▶ ASSIGNED TASK:
For the word "source", work out how many lines in the records below contain it and state that count alone.

-------

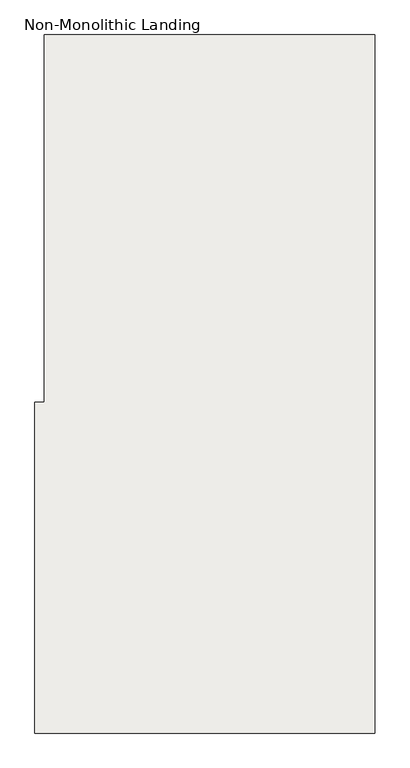
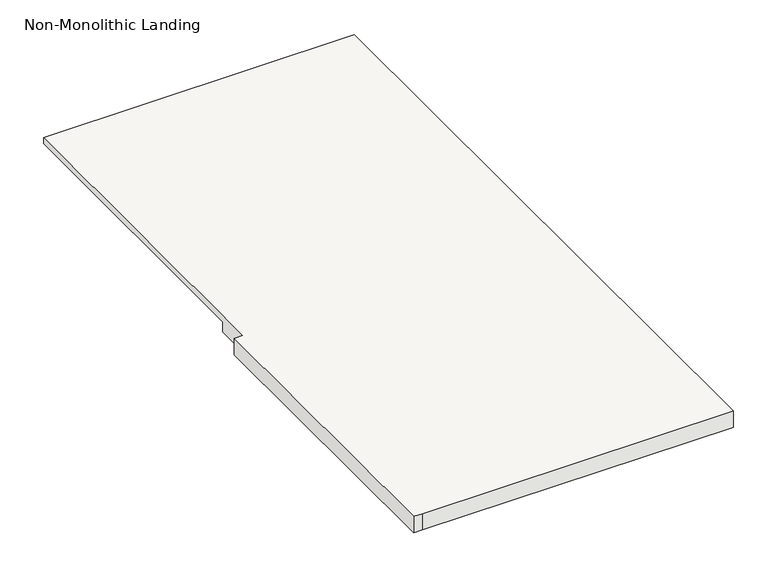
"""IFC4 building model written with IfcOpenShell, lengths in millimetres: slab geometry, Non-Monolithic Landing."""

from ifc_helpers import new_model, si_unit, origin, place, context, project, spatial, faceted_brep, source, transform, mapped, element, save


def non_monolithic_landing_5db28acc(model_context):
    return source(origin(), model_context, "Body", "Brep", [
        faceted_brep([(923.4845537, -3822.9544725, 17583.15), (948.8845537, -3822.9544725, 17557.75), (948.8845537, -4737.3544725, 17557.75), (923.4845537, -4737.3544725, 17583.15), (923.4845537, -4838.9544725, 17602.2), (898.0845537, -4838.9544725, 17602.2), (898.0845537, -5753.3544725, 17602.2), (923.4845537, -5753.3544725, 17602.2), (1837.8845537, -5753.3544725, 17602.2), (1837.8845537, -3822.9544725, 17602.2), (923.4845537, -3822.9544725, 17602.2), (948.8845537, -4737.3544725, 17551.4), (948.8845537, -3822.9544725, 17551.4), (1837.8845537, -3822.9544725, 17551.4), (1837.8845537, -5753.3544725, 17551.4), (923.4845537, -5753.3544725, 17551.4), (898.0845537, -5753.3544725, 17551.4), (898.0845537, -4838.9544725, 17551.4), (923.4845537, -4838.9544725, 17551.4), (923.4845537, -4737.3544725, 17551.4)], [[[0, 1, 2, 3]], [[4, 5, 6, 7, 8, 9, 10]], [[11, 12, 13, 14, 15, 16, 17, 18, 19]], [[12, 11, 2, 1]], [[11, 19, 3, 2]], [[4, 10, 0, 3, 19, 18]], [[5, 4, 18, 17]], [[6, 5, 17, 16]], [[7, 6, 16, 15]], [[8, 7, 15, 14]], [[9, 8, 14, 13]], [[10, 9, 13, 12, 1, 0]]]),
    ])


if __name__ == "__main__":
    model = new_model("IFC4")
    model_context = context("Model", 3, world=origin())
    ifc_project = project(units=[si_unit("LENGTHUNIT", "METRE", prefix="MILLI")], contexts=[model_context])
    site = spatial("IfcSite", under=ifc_project)
    building = spatial("IfcBuilding", under=site)
    placement = place(None, origin())
    non_monolithic_landing_shape = non_monolithic_landing_5db28acc(model_context)
    element("IfcSlab", 1, ObjectType="Non-Monolithic Landing", at=placement, inside=building, context=model_context, shape_type="MappedRepresentation", body=[
        mapped(non_monolithic_landing_shape, transform((0.0, 0.0, 0.0), x_axis=(1.0, 0.0, 0.0), y_axis=(0.0, 1.0, 0.0), z_axis=(0.0, 0.0, 1.0))),
    ])
    save(model, "model.ifc")

-------

▶ OUTPUT BELOW:
2